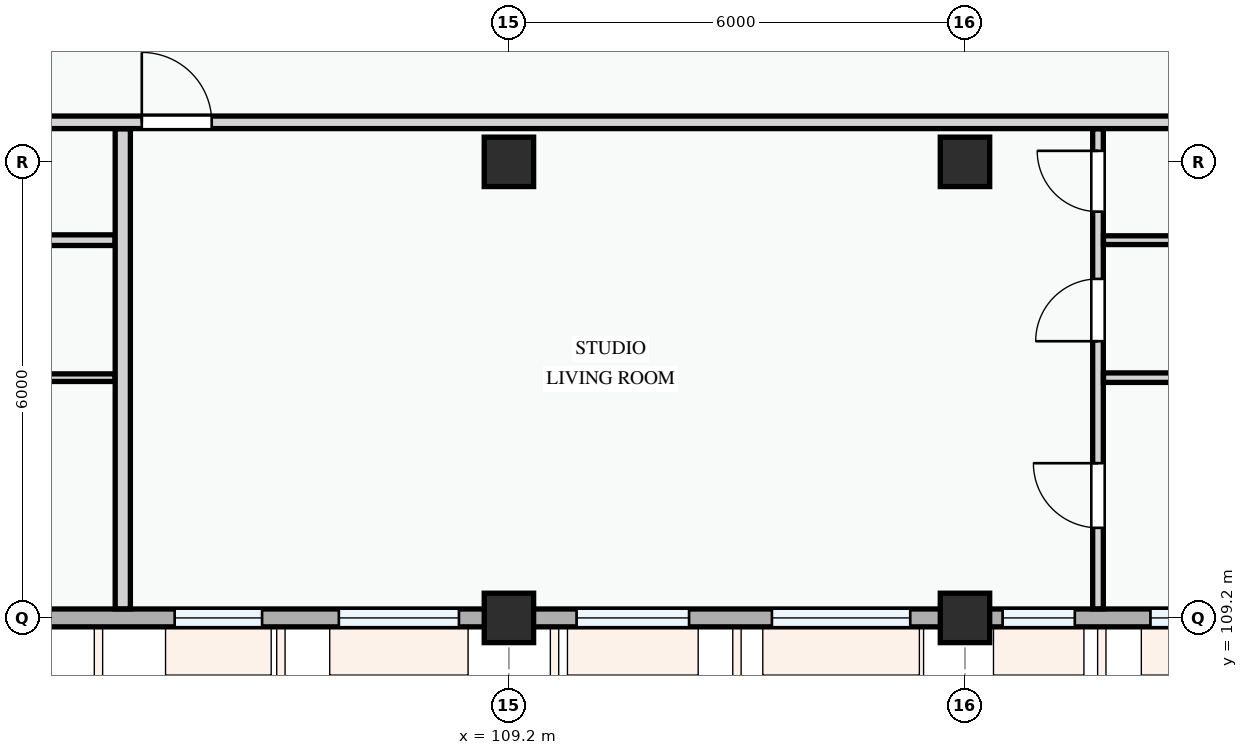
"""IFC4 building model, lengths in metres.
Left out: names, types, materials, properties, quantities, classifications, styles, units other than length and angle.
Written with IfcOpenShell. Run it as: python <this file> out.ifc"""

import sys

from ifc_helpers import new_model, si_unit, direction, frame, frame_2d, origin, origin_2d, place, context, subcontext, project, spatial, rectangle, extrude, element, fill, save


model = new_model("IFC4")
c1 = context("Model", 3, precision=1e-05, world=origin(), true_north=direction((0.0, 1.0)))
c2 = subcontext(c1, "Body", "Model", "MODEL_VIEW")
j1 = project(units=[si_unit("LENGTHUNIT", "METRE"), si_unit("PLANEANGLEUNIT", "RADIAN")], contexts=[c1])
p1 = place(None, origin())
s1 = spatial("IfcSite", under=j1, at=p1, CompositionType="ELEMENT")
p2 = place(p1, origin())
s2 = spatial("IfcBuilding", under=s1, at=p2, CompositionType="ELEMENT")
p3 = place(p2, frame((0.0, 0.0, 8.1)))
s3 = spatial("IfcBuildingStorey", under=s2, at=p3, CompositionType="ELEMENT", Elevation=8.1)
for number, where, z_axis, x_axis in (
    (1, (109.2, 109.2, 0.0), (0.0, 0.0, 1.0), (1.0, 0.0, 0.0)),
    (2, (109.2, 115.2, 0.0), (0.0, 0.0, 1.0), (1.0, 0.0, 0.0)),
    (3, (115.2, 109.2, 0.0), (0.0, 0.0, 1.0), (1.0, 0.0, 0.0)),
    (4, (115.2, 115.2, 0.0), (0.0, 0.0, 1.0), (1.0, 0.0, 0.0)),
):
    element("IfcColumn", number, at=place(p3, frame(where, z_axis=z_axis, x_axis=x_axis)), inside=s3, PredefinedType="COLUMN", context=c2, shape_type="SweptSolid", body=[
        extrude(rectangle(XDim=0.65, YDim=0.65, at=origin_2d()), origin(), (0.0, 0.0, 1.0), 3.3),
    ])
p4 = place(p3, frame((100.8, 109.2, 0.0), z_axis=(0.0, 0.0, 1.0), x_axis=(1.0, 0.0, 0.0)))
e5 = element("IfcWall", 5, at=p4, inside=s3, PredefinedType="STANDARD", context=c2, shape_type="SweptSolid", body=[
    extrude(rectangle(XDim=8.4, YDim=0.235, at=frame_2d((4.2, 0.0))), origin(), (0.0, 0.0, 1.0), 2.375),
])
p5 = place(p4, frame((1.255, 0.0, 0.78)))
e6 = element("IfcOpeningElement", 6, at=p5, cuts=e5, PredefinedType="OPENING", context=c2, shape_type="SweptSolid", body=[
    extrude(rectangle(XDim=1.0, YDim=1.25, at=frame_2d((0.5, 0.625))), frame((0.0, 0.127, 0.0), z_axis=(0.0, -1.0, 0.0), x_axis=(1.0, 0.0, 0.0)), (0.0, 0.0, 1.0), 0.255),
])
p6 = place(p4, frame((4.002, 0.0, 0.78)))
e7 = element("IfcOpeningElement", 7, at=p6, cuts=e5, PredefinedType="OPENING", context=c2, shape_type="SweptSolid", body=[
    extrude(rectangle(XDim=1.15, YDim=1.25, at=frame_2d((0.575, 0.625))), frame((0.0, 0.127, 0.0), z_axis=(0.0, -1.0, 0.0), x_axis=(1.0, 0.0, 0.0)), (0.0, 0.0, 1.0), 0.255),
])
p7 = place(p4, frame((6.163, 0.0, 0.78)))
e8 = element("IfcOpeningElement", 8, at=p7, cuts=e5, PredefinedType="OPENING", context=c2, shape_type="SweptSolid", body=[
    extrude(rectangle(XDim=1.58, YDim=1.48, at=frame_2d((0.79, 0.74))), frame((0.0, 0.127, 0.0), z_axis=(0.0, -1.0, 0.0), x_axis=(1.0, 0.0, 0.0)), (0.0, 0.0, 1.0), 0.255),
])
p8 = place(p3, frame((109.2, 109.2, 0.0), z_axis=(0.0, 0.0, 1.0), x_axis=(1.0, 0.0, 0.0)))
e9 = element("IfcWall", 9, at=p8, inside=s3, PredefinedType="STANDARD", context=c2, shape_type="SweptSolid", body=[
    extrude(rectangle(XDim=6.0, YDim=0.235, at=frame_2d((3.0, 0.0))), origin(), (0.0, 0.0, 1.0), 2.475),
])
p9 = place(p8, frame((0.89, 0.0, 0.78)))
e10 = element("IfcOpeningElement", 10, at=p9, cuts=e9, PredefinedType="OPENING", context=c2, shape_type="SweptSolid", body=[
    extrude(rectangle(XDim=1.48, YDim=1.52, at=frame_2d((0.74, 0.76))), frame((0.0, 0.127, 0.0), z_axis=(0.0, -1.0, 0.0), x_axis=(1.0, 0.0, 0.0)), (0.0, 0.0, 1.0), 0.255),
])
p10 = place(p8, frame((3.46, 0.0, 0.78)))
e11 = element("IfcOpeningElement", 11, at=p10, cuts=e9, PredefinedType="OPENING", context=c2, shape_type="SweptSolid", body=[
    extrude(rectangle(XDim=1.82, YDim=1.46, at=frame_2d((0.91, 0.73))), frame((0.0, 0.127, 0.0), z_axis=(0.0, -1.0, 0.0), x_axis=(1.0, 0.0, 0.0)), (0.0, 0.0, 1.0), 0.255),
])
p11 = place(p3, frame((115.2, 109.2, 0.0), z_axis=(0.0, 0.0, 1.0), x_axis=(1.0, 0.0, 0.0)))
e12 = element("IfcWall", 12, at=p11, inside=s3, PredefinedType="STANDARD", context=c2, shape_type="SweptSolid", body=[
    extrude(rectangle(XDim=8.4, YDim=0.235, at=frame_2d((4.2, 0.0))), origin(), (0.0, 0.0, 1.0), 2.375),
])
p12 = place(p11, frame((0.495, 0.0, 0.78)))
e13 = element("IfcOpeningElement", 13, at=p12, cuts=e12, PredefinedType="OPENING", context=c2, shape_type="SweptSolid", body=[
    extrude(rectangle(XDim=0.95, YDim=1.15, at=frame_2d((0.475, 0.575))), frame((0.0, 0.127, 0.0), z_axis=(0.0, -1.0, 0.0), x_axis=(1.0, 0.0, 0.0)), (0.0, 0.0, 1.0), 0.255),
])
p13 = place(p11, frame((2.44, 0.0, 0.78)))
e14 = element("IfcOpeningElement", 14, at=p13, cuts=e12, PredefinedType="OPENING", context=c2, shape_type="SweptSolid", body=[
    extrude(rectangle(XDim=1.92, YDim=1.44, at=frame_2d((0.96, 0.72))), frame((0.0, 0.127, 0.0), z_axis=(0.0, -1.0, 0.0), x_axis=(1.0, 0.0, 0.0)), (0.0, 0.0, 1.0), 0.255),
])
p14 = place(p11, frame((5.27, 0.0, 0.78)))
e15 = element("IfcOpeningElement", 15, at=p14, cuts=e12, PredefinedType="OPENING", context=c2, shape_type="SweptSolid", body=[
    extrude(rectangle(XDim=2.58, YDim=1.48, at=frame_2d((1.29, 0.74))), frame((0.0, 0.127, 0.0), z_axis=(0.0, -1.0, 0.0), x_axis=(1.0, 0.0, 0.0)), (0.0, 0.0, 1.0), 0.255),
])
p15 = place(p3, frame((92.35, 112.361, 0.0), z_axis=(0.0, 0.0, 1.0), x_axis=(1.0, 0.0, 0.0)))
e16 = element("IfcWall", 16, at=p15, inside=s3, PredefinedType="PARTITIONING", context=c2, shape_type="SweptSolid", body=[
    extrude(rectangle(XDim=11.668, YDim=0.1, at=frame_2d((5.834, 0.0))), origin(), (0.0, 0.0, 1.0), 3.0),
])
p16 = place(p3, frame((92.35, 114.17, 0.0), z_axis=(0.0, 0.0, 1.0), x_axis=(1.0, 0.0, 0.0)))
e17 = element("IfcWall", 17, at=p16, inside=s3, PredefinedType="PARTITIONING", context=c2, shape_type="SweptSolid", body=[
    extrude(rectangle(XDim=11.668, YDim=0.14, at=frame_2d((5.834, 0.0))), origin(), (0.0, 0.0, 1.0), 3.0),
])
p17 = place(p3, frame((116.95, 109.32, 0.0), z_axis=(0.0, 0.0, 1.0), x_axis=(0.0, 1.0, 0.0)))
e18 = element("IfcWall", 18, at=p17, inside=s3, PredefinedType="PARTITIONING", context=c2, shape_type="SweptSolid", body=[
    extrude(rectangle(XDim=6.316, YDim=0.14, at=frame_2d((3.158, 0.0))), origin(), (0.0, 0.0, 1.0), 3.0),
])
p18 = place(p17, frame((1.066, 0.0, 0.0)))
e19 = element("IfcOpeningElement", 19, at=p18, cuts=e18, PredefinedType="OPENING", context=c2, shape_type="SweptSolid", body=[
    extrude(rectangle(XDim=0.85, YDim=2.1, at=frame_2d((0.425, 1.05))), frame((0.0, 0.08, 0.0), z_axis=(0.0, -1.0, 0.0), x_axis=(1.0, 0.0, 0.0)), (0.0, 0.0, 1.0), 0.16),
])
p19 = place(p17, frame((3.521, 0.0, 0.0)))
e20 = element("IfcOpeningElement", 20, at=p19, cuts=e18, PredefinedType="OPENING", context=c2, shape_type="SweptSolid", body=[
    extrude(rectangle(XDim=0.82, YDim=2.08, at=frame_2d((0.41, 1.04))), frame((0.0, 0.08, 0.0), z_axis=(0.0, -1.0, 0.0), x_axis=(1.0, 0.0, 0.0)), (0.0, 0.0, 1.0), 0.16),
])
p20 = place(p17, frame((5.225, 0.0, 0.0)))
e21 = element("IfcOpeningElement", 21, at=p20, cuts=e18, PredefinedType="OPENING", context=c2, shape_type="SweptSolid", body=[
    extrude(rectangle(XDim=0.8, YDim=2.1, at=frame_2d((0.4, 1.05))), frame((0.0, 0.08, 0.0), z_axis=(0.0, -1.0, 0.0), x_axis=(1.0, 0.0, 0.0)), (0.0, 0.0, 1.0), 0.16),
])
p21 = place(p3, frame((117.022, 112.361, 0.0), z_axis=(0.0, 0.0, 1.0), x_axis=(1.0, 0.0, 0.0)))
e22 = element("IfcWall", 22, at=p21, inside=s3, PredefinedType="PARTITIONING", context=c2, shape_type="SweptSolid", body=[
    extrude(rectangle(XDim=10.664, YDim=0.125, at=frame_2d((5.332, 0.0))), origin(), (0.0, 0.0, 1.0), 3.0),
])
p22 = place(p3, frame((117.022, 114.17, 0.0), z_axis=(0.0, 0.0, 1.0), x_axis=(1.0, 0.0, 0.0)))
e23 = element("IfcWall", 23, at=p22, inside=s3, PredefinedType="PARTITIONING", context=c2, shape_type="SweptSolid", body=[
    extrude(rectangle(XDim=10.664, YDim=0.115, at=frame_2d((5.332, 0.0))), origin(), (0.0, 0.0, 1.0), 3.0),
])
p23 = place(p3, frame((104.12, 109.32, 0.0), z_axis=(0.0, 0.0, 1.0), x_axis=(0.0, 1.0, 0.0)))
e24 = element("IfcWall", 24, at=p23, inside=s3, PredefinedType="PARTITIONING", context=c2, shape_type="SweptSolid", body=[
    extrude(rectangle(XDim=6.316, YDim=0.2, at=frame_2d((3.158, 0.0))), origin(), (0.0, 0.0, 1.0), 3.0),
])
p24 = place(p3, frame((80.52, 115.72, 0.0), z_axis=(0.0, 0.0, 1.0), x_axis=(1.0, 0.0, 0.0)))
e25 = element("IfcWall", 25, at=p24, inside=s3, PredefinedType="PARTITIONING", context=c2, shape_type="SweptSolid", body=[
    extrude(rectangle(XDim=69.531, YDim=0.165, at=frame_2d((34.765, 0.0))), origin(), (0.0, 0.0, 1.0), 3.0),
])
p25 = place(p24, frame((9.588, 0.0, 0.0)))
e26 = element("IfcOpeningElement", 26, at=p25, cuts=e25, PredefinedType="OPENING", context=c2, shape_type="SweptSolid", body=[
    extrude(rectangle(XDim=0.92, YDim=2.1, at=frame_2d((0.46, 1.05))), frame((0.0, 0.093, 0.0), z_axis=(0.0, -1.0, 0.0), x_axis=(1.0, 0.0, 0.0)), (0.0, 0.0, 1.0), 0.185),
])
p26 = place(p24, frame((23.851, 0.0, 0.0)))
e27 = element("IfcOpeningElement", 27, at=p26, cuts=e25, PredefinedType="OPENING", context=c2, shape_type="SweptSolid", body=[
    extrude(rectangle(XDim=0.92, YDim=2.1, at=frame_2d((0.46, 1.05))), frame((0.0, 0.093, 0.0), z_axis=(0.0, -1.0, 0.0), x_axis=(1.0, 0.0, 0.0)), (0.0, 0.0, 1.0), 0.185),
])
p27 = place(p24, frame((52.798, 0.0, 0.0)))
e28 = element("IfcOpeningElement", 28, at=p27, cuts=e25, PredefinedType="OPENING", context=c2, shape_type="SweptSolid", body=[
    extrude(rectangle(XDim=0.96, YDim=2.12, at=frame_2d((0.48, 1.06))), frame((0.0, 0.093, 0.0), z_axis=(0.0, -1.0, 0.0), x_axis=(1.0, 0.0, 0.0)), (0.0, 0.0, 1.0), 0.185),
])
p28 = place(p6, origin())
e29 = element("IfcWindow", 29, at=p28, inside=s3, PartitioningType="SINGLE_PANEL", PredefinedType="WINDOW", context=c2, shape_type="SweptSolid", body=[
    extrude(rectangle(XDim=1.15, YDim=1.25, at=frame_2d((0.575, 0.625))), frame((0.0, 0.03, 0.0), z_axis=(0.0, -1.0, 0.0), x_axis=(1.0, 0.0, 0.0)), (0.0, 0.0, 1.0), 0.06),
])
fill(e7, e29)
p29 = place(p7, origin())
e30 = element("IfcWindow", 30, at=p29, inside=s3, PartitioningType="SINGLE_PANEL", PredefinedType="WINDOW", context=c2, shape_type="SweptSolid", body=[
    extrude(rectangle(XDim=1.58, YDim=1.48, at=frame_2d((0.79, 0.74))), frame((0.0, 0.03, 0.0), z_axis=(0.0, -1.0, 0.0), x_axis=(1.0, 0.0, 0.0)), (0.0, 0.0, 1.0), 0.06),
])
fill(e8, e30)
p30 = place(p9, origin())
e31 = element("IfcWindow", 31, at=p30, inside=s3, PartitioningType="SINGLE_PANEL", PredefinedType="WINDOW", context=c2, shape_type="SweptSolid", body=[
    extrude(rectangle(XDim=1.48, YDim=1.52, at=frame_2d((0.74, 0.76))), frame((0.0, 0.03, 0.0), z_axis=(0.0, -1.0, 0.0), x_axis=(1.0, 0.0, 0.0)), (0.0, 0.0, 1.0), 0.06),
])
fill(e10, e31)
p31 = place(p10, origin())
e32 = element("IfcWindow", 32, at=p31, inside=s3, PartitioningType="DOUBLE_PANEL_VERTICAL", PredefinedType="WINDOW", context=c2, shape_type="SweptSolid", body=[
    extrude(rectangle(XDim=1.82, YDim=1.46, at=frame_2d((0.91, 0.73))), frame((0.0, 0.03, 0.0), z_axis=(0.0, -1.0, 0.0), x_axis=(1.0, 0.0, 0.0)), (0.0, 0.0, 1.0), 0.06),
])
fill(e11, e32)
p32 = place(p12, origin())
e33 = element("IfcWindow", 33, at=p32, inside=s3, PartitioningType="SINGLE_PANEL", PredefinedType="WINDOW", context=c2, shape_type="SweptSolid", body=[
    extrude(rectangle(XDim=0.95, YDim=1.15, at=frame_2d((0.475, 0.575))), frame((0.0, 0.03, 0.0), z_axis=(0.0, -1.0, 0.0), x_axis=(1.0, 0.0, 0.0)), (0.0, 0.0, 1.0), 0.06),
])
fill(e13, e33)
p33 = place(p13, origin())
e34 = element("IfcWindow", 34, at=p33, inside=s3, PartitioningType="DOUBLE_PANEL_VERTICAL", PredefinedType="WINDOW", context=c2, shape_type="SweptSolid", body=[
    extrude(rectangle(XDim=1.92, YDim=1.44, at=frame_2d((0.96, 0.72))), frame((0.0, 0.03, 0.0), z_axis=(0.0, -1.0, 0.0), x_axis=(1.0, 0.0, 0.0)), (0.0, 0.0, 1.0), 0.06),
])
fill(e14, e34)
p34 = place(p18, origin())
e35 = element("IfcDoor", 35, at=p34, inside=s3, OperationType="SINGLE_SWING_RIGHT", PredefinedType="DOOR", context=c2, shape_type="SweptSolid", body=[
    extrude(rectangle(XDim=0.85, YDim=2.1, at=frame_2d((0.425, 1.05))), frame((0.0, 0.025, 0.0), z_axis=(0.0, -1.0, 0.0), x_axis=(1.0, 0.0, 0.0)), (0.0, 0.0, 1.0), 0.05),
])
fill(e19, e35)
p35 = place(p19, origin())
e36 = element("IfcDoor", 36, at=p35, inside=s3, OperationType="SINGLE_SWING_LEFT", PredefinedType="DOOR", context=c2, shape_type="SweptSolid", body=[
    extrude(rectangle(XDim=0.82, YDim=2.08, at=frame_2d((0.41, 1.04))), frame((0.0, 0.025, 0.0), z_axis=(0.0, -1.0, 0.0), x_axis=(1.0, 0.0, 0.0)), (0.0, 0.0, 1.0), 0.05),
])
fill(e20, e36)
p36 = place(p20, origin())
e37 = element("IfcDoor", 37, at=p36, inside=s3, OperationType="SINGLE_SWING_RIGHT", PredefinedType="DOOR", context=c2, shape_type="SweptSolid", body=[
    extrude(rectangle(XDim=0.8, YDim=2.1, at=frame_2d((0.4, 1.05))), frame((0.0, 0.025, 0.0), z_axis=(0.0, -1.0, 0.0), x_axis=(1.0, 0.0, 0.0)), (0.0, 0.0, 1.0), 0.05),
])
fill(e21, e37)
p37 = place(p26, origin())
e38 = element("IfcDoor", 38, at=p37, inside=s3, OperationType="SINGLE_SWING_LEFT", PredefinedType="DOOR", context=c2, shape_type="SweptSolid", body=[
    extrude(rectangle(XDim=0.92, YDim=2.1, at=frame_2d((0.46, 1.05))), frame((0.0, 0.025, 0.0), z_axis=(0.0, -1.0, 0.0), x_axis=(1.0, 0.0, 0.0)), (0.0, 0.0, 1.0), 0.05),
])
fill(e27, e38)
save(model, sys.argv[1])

[THE PROBLEM]: Go through the records and tally the lines that include "DOOR". Write only the number.

[FINAL ANSWER]: 4